* [Excerpted data]
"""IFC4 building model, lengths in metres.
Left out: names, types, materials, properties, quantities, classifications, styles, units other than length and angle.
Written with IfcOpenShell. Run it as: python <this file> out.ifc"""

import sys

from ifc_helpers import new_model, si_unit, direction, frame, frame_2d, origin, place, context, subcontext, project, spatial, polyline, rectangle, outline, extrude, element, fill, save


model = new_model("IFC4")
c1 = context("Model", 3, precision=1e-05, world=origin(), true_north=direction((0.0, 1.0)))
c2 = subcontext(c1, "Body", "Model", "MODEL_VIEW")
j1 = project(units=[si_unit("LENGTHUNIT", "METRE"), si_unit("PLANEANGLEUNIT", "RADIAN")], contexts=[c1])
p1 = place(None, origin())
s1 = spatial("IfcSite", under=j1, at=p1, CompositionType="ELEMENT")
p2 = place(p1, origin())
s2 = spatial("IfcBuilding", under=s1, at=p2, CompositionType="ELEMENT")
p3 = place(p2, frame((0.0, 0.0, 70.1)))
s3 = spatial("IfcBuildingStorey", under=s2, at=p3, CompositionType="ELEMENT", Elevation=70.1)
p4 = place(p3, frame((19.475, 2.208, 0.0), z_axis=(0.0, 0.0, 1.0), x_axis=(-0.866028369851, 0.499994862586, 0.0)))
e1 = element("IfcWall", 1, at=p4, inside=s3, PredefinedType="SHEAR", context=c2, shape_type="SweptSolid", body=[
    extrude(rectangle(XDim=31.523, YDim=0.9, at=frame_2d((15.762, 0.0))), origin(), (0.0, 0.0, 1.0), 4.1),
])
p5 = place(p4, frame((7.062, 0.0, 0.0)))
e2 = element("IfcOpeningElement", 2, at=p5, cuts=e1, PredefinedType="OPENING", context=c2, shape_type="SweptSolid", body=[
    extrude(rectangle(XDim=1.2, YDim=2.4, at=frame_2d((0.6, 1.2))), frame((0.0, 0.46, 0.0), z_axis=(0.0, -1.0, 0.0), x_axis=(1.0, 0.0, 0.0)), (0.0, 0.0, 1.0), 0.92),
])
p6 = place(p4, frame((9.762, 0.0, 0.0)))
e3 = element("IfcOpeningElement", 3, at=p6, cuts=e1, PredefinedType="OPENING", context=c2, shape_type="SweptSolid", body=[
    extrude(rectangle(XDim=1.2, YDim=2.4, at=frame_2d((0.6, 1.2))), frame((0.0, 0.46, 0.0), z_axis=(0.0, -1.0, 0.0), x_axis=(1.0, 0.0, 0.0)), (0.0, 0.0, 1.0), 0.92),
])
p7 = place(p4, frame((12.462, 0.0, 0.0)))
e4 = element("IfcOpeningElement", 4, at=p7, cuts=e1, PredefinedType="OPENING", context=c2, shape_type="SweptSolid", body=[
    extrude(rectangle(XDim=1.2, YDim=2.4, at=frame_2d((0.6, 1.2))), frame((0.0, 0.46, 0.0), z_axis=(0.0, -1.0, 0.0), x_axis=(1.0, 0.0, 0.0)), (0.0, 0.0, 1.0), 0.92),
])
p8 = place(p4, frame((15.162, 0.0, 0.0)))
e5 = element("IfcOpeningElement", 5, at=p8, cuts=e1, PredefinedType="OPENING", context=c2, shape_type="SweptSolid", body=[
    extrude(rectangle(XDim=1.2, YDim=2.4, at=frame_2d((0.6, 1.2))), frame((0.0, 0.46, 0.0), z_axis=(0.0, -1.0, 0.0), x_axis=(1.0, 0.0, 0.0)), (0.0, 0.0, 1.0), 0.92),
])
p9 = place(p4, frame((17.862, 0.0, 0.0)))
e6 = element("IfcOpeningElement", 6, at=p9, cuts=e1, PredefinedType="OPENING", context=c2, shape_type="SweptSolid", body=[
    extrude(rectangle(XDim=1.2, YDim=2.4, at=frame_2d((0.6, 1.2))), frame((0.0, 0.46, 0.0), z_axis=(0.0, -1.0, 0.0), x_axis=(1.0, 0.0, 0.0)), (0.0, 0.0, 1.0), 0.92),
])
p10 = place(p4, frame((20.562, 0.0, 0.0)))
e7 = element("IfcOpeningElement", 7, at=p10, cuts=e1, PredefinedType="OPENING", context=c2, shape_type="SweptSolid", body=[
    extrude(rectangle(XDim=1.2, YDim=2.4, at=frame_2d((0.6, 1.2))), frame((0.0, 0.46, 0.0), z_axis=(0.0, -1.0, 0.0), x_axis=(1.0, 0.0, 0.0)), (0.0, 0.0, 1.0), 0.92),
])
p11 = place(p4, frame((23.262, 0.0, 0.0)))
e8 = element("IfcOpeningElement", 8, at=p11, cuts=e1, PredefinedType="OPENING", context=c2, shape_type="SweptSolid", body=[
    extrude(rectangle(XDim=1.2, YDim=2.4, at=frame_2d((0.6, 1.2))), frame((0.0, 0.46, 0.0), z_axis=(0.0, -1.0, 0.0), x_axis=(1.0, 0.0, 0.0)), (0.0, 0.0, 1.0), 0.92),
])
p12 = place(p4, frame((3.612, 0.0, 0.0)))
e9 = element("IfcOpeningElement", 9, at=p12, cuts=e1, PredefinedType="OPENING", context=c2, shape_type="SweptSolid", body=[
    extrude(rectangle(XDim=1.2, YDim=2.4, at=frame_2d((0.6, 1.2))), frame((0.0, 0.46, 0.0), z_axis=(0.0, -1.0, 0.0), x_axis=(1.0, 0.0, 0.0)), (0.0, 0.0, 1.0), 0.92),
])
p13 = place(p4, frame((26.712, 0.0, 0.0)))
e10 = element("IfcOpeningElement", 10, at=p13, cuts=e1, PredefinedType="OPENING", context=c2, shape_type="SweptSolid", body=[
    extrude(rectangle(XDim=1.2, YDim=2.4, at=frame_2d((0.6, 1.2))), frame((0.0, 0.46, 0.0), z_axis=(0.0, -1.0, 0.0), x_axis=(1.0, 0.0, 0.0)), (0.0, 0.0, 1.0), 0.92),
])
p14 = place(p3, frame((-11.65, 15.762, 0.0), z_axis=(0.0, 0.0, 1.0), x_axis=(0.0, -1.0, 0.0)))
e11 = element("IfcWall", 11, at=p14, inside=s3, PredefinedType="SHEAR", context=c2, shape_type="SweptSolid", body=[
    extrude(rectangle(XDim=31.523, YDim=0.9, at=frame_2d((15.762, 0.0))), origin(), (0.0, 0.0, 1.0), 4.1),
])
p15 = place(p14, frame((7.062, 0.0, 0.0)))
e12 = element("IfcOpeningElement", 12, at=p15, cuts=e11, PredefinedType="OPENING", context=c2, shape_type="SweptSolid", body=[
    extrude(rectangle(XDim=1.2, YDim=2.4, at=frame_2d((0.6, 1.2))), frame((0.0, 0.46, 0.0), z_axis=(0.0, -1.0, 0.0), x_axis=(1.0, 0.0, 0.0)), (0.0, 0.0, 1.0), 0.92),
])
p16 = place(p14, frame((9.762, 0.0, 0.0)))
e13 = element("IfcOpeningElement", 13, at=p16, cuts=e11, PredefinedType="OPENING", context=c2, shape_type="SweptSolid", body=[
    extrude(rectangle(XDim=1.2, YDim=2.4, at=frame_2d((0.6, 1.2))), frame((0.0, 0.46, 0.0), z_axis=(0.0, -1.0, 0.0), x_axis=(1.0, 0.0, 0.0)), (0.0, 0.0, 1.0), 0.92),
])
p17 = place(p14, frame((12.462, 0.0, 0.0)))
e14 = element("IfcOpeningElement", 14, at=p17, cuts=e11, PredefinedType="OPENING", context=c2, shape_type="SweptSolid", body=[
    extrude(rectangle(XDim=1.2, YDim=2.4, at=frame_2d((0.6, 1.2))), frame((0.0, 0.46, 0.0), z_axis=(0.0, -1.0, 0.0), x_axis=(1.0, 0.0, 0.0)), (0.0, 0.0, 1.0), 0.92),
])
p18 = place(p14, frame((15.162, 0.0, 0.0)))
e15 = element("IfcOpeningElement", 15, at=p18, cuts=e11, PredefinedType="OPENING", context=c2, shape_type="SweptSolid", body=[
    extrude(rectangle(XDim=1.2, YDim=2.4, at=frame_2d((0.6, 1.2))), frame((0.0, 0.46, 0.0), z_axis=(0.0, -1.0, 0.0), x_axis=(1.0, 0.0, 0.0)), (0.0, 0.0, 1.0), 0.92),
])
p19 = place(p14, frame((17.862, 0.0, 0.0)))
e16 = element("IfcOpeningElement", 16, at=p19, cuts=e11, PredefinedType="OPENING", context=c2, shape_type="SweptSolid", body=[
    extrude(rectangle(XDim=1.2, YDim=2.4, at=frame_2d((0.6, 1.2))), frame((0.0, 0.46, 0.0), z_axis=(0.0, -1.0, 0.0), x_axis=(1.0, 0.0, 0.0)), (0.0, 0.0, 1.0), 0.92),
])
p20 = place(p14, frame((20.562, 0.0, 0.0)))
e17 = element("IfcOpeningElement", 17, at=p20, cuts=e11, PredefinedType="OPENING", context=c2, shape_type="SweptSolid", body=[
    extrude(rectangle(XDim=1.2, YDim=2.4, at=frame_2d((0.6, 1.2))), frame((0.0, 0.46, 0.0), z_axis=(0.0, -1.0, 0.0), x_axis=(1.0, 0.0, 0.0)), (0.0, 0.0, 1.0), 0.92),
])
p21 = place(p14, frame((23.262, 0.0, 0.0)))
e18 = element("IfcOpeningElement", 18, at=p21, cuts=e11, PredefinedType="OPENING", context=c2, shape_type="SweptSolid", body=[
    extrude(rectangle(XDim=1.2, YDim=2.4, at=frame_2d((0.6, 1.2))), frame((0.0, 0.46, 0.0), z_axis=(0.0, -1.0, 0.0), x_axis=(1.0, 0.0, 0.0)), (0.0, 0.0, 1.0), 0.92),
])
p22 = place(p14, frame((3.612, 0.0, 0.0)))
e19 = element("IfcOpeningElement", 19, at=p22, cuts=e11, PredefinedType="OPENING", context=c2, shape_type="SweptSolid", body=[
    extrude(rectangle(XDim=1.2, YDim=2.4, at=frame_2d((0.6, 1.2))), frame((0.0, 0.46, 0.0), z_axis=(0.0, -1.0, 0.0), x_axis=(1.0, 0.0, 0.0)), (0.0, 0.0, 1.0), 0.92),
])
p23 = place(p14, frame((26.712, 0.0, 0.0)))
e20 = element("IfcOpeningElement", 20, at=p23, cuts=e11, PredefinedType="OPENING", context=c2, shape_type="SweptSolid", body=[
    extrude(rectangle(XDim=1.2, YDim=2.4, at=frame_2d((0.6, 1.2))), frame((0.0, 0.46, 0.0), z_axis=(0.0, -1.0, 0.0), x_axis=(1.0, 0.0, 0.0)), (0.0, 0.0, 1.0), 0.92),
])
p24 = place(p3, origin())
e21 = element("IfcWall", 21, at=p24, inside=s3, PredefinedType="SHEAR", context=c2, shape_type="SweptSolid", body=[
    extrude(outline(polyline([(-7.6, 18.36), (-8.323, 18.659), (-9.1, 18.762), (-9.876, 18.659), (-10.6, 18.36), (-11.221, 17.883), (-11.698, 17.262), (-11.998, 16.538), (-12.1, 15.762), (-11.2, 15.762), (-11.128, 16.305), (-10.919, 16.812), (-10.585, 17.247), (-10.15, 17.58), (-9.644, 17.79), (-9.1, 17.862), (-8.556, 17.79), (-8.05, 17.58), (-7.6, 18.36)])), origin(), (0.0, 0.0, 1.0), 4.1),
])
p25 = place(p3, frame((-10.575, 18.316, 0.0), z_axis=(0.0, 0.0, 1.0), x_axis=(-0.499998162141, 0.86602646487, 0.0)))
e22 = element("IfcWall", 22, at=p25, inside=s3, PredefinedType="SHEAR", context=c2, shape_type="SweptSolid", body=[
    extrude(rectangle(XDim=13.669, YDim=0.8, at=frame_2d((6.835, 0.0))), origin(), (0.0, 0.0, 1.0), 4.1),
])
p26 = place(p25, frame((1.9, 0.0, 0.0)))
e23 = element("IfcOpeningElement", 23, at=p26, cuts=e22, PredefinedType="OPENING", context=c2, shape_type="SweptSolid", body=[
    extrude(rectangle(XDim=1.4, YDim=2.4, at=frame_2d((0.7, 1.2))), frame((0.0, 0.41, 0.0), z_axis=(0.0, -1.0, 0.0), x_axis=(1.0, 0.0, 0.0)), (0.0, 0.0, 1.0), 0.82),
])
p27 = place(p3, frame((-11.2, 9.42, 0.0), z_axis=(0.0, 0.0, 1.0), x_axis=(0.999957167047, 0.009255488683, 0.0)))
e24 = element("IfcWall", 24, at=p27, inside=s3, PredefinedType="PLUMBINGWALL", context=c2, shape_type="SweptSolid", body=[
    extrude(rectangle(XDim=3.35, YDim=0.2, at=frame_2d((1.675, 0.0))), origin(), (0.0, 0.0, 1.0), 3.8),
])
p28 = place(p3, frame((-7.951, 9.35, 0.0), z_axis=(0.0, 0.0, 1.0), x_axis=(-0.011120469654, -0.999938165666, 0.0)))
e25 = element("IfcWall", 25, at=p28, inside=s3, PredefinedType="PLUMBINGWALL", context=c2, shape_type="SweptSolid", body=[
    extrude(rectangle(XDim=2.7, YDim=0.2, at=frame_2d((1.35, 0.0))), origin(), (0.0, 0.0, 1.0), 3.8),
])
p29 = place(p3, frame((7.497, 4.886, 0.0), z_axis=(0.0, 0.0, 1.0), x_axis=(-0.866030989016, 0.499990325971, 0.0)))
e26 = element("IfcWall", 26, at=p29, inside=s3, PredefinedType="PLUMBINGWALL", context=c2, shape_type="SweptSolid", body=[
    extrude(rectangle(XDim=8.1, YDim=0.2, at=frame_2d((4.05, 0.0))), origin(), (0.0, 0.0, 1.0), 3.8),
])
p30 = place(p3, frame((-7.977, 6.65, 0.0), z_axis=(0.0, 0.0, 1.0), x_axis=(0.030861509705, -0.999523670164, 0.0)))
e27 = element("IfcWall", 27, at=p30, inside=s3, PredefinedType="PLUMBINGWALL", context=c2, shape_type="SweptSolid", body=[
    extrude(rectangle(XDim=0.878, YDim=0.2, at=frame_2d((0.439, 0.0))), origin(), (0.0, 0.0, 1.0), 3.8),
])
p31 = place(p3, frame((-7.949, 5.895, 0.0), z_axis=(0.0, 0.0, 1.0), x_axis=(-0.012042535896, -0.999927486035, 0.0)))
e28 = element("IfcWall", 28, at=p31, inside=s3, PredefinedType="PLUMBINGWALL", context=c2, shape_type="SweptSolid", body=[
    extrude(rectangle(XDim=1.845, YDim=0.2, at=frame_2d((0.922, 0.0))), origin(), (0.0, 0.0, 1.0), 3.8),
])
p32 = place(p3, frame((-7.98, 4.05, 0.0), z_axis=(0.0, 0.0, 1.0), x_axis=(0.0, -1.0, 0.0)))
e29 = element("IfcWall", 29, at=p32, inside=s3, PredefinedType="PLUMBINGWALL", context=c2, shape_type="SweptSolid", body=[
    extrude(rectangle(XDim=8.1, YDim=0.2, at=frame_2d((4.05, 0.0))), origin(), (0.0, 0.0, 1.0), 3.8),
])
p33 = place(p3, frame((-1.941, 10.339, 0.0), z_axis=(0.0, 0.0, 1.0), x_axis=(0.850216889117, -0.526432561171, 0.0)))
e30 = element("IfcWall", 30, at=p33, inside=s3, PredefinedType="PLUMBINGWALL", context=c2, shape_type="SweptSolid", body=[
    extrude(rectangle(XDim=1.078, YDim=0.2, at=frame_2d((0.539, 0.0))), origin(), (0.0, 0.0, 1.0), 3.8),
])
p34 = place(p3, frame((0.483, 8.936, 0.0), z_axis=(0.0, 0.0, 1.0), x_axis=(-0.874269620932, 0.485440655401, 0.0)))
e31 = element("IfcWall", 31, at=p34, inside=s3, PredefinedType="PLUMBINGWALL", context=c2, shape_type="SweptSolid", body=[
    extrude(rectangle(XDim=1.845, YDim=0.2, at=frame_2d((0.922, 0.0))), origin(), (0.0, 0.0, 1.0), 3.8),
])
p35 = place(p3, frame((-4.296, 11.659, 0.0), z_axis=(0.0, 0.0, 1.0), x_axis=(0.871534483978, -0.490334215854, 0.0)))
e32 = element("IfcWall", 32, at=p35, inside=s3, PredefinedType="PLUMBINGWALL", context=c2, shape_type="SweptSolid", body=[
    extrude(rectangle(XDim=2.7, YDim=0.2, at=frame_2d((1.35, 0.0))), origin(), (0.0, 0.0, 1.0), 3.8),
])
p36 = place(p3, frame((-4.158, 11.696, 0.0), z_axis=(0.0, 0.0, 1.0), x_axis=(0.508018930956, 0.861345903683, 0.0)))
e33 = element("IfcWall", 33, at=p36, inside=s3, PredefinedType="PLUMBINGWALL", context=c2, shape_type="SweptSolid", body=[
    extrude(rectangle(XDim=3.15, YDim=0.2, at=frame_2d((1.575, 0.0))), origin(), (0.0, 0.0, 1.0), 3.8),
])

* [What the task asks]
Consider the string "CompositionType". State how many lines of the data contain it, giving the number alone.

* [Response below]
3